──────── Exercise data ────────

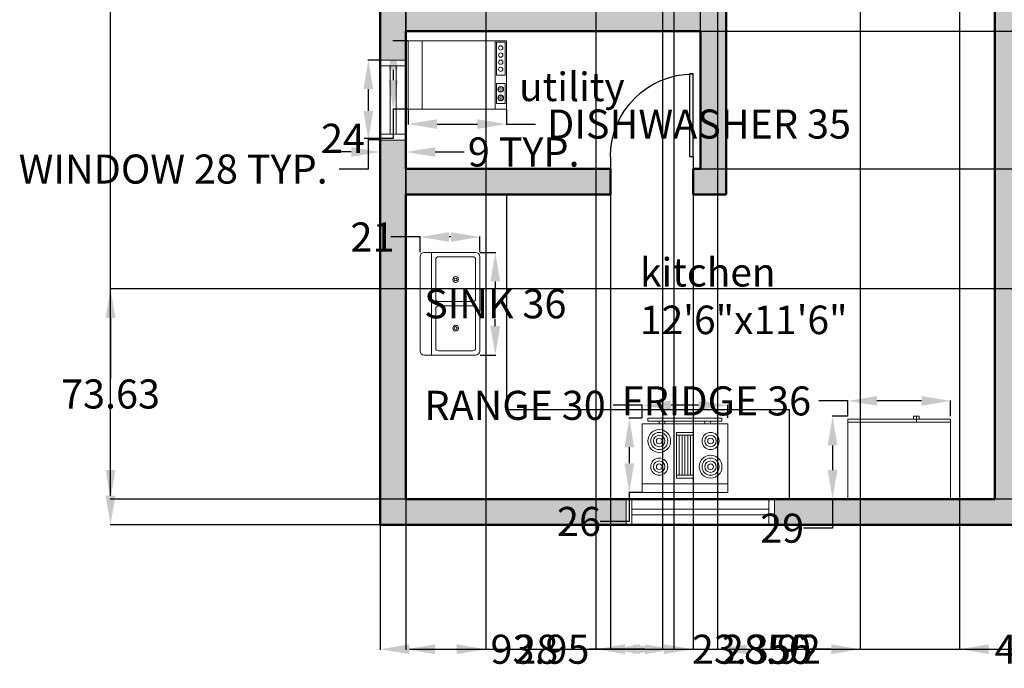
# Model space of a CAD drawing. Units: inches. Extents: x 12496 to 13538, y 6171 to 6892.
# Tile 1 of 6: x 12496 to 12841, y 6171 to 6398. Entities that reach past the tile are written whole.
import ezdxf

# ---------------------------------------------------------------- set-up
doc = ezdxf.new("R2010")
doc.units = ezdxf.units.IN
doc.header["$MEASUREMENT"] = 0
for name, color, linetype, lineweight in [('A-ANNO-DIMS', 2, 'Continuous', 18), ('A-AREA-IDEN', 7, 'Continuous', 25), ('A-DOOR', 3, 'Continuous', 25), ('A-EQPM', 8, 'Continuous', 18), ('A-FLOR-CASE', 8, 'Continuous', 25), ('A-FLOR-FIXT', 9, 'Continuous', 18), ('A-GLAZ', 4, 'Continuous', 18), ('A-WALL', 7, 'Continuous', 50)]:
    doc.layers.add(name, color=color, linetype=linetype, lineweight=lineweight)
doc.layers.add('A-WALL-PATT', color=18, linetype='Continuous', lineweight=13, true_color=0x000000)
doc.styles.get("Standard").update_dxf_attribs({"font": 'arial.ttf'})
doc.dimstyles.get("Standard").update_dxf_attribs({"dimtxt": 10.18, "dimasz": 10.18, "dimexe": 0.18, "dimexo": 0.0625, "dimgap": 0.09, "dimtad": 0, "dimtih": 1, "dimtoh": 1, "dimdec": 0, "dimzin": 0, "dimdsep": 46, "dimlunit": 3, "dimtxsty": 'Standard', "dimcen": 0.09, "dimadec": 0, "dimazin": 0, "dimtfac": 1, "dimtdec": 0, "dimtofl": 0, "dimtmove": 0, "dimatfit": 3, "dimfxl": 1, "dimtolj": 1, "dimtzin": 0, "dimarcsym": 0})

# ---------------------------------------------------------------- blocks, each defined once
blk = doc.blocks.new('Range-Oven - 30 in top')
for p, q in [((0, -3), (30, -3)), ((12, -6), (18, -6)), ((13, -20), (13, -6)), ((14, -6), (14, -20)), ((15, -20), (15, -6)), ((16, -6), (16, -20)), ((17, -20), (17, -6)), ((18, -20), (12, -20)), ((6, -24), (6, -25)), ((8, -25), (8, -24)), ((22, -25), (22, -24)), ((24, -24), (24, -25))]:
    blk.add_line(p, q)
for points in [[(0, -24), (0, 0), (30, 0), (30, -24)], [(12, -21), (12, -5), (18, -5), (18, -21)], [(2, -26), (2, -25), (28, -25), (28, -26)]]:
    blk.add_lwpolyline(points, close=True)
for centre, radius in [((6, -9), 4), ((6, -9), 3), ((24, -9), 3), ((6, -9), 2), ((6, -9), 1), ((24, -9), 2), ((24, -9), 1), ((6, -18), 3), ((6, -18), 2), ((6, -18), 1), ((24, -18), 4), ((24, -18), 3), ((24, -18), 2), ((24, -18), 1)]:
    blk.add_circle(centre, radius)
blk = doc.blocks.new('Sink-double - 36 in top')
for p, q in [((-18, -4), (18, -4)), ((-0.75, -18.5), (-0.75, -6.5)), ((0.75, -6.5), (0.75, -18.5))]:
    blk.add_line(p, q)
for points in [[(-16.5, 0), (16.5, 0)], [(-18, -19.5), (-18, -1.5)], [(18, -1.5), (18, -19.5)], [(-16.5, -18.5), (-16.5, -6.5)], [(-15.5, -5.5), (-1.75, -5.5)], [(1.75, -5.5), (15.5, -5.5)], [(16.5, -6.5), (16.5, -18.5)], [(-1.75, -19.5), (-15.5, -19.5)], [(15.5, -19.5), (1.75, -19.5)], [(16.5, -21), (-16.5, -21)]]:
    blk.add_lwpolyline(points)
for centre, radius in [((-8.5, -12.5), 1), ((-8.5, -12.5), 0.5), ((8.5, -12.5), 1), ((8.5, -12.5), 0.5)]:
    blk.add_circle(centre, radius)
for centre, radius, start, end in [((-16.5, -1.5), 1.5, 90, 180), ((16.5, -1.5), 1.5, 0, 90), ((-15.5, -6.5), 1, 90, 180), ((-1.75, -6.5), 1, 0, 90), ((1.75, -6.5), 1, 90, 180), ((15.5, -6.5), 1, 0, 90), ((-16.5, -19.5), 1.5, 180, 270), ((-15.5, -18.5), 1, 180, 270), ((-1.75, -18.5), 1, 270, 0), ((1.75, -18.5), 1, 180, 270), ((15.5, -18.5), 1, 270, 0), ((16.5, -19.5), 1.5, 270, 0)]:
    blk.add_arc(centre, radius, start, end)
blk = doc.blocks.new('Refrigerator-2 door - 36 in top')
for p, q in [((0, -26.999999), (36, -26.999999)), ((12, -26.999999), (12, -28.999999)), ((11, -27.999999), (11, -28.999999)), ((11, -28.999999), (13, -28.999999)), ((13, -28.999999), (13, -27.999999))]:
    blk.add_line(p, q)
blk.add_lwpolyline([(0, -27.999999), (0, 0), (36, 0), (36, -27.999999)], close=True)
blk = doc.blocks.new('Dishwasher')
for p, q in [((16, 32.5), (16.75, 32.5)), ((16.5, 32), (16.2942, 31.7942)), ((16.3156, 33.1843), (16.5, 33)), ((17, 32.75), (17, 33.5)), ((17, 32.25), (17, 31.5)), ((18, 32.5), (17.25, 32.5)), ((17.5, 33), (17.6938, 33.1938)), ((17.7061, 31.7939), (17.5, 32)), ((19, 32.5), (19.75, 32.5)), ((19.5, 32), (19.2942, 31.7942)), ((19.3156, 33.1843), (19.5, 33)), ((20, 32.75), (20, 33.5)), ((20, 32.25), (20, 31.5)), ((21, 32.5), (20.25, 32.5)), ((20.5, 33), (20.6938, 33.1938)), ((20.7061, 31.7939), (20.5, 32)), ((24, 30.5), (0, 30.5)), ((0, 5), (24, 5))]:
    blk.add_line(p, q)
for points in [[(0, 0), (0, 34.5), (24, 34.5), (24, 0)], [(0.5, 31), (0.5, 34), (12, 34), (12, 31)], [(15, 31), (15, 34), (22, 34), (22, 31)]]:
    blk.add_lwpolyline(points, close=True)
for centre, radius in [((2.5, 32.5), 0.75), ((5, 32.5), 0.75), ((7.5, 32.5), 0.75), ((10, 32.5), 0.75), ((17, 32.5), 1), ((20, 32.5), 1)]:
    blk.add_circle(centre, radius)
blk = doc.blocks.new('*U20')
for p, q in [((0, 0), (0, -6)), ((40, 0), (40, -6))]:
    blk.add_line(p, q)
blk.add_lwpolyline([(0, 0), (0, 40), (1.75, 40), (1.75, 0)], close=True)
blk.add_arc((0, 0), 40, 360, 90)
blk = doc.blocks.new('WIN-48IN')
for p, q in [((0, 0), (0, 9)), ((2, 0), (2, 9)), ((50, 0), (50, 9)), ((52, 0), (52, 9)), ((2, 5.5), (50, 5.5)), ((2, 3.5), (50, 3.5))]:
    blk.add_line(p, q)
blk = doc.blocks.new('WIN-24IN')
for p, q in [((0, 0), (0, 9)), ((2, 0), (2, 9)), ((26, 0), (26, 9)), ((28, 0), (28, 9)), ((2, 5.5), (26, 5.5)), ((2, 3.5), (26, 3.5))]:
    blk.add_line(p, q)
blk = doc.blocks.new('*D33')
at = {"layer": 'A-ANNO-DIMS', "color": 0, "lineweight": -2, "transparency": 16777216}
for p, q in [((12622.11, 6383.69), (12617.79, 6383.69)), ((12617.97, 6373.51), (12617.97, 6365.87)), ((12622.11, 6355.69), (12617.79, 6355.69)), ((12617.97, 6355.69), (12617.97, 6345.51)), ((12617.97, 6345.51), (12607.79, 6345.51))]:
    blk.add_line(p, q, dxfattribs=at)
at = {"layer": 'A-ANNO-DIMS', "color": 0, "transparency": 16777216}
for points in [[(12616.28, 6373.51), (12619.67, 6373.51), (12617.97, 6383.69)], [(12616.28, 6365.87), (12619.67, 6365.87), (12617.97, 6355.69)]]:
    blk.add_solid(points, dxfattribs=at)
at = {"layer": 'Defpoints', "color": 0, "transparency": 16777216}
for p in [(12622.17, 6383.69), (12617.97, 6355.69), (12622.17, 6355.69)]:
    blk.add_point(p, dxfattribs=at)
at = {"layer": 'A-ANNO-DIMS', "color": 0, "transparency": 16777216, "insert": (12549.54, 6345.51), "char_height": 10.18, "attachment_point": 5}
blk.add_mtext('\\A1;WINDOW 28 TYP.', dxfattribs=at)
blk = doc.blocks.new('*D34')
at = {"layer": 'A-ANNO-DIMS', "color": 0, "lineweight": -2, "transparency": 16777216}
for p, q in [((12622.17, 6355.62), (12622.17, 6351.31)), ((12631.17, 6355.62), (12631.17, 6351.31)), ((12611.99, 6351.49), (12601.81, 6351.49)), ((12641.35, 6351.49), (12651.53, 6351.49))]:
    blk.add_line(p, q, dxfattribs=at)
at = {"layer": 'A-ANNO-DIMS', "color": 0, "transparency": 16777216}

────────

- [What is being asked]: Copy the lines above exactly, beginning at the line that has "each defined once" and stopping after the line that has "blk.add_arc(centre, radius, start, end)", and omit the rest.

- [Answer]:
# ---------------------------------------------------------------- blocks, each defined once
blk = doc.blocks.new('Range-Oven - 30 in top')
for p, q in [((0, -3), (30, -3)), ((12, -6), (18, -6)), ((13, -20), (13, -6)), ((14, -6), (14, -20)), ((15, -20), (15, -6)), ((16, -6), (16, -20)), ((17, -20), (17, -6)), ((18, -20), (12, -20)), ((6, -24), (6, -25)), ((8, -25), (8, -24)), ((22, -25), (22, -24)), ((24, -24), (24, -25))]:
    blk.add_line(p, q)
for points in [[(0, -24), (0, 0), (30, 0), (30, -24)], [(12, -21), (12, -5), (18, -5), (18, -21)], [(2, -26), (2, -25), (28, -25), (28, -26)]]:
    blk.add_lwpolyline(points, close=True)
for centre, radius in [((6, -9), 4), ((6, -9), 3), ((24, -9), 3), ((6, -9), 2), ((6, -9), 1), ((24, -9), 2), ((24, -9), 1), ((6, -18), 3), ((6, -18), 2), ((6, -18), 1), ((24, -18), 4), ((24, -18), 3), ((24, -18), 2), ((24, -18), 1)]:
    blk.add_circle(centre, radius)
blk = doc.blocks.new('Sink-double - 36 in top')
for p, q in [((-18, -4), (18, -4)), ((-0.75, -18.5), (-0.75, -6.5)), ((0.75, -6.5), (0.75, -18.5))]:
    blk.add_line(p, q)
for points in [[(-16.5, 0), (16.5, 0)], [(-18, -19.5), (-18, -1.5)], [(18, -1.5), (18, -19.5)], [(-16.5, -18.5), (-16.5, -6.5)], [(-15.5, -5.5), (-1.75, -5.5)], [(1.75, -5.5), (15.5, -5.5)], [(16.5, -6.5), (16.5, -18.5)], [(-1.75, -19.5), (-15.5, -19.5)], [(15.5, -19.5), (1.75, -19.5)], [(16.5, -21), (-16.5, -21)]]:
    blk.add_lwpolyline(points)
for centre, radius in [((-8.5, -12.5), 1), ((-8.5, -12.5), 0.5), ((8.5, -12.5), 1), ((8.5, -12.5), 0.5)]:
    blk.add_circle(centre, radius)
for centre, radius, start, end in [((-16.5, -1.5), 1.5, 90, 180), ((16.5, -1.5), 1.5, 0, 90), ((-15.5, -6.5), 1, 90, 180), ((-1.75, -6.5), 1, 0, 90), ((1.75, -6.5), 1, 90, 180), ((15.5, -6.5), 1, 0, 90), ((-16.5, -19.5), 1.5, 180, 270), ((-15.5, -18.5), 1, 180, 270), ((-1.75, -18.5), 1, 270, 0), ((1.75, -18.5), 1, 180, 270), ((15.5, -18.5), 1, 270, 0), ((16.5, -19.5), 1.5, 270, 0)]:
    blk.add_arc(centre, radius, start, end)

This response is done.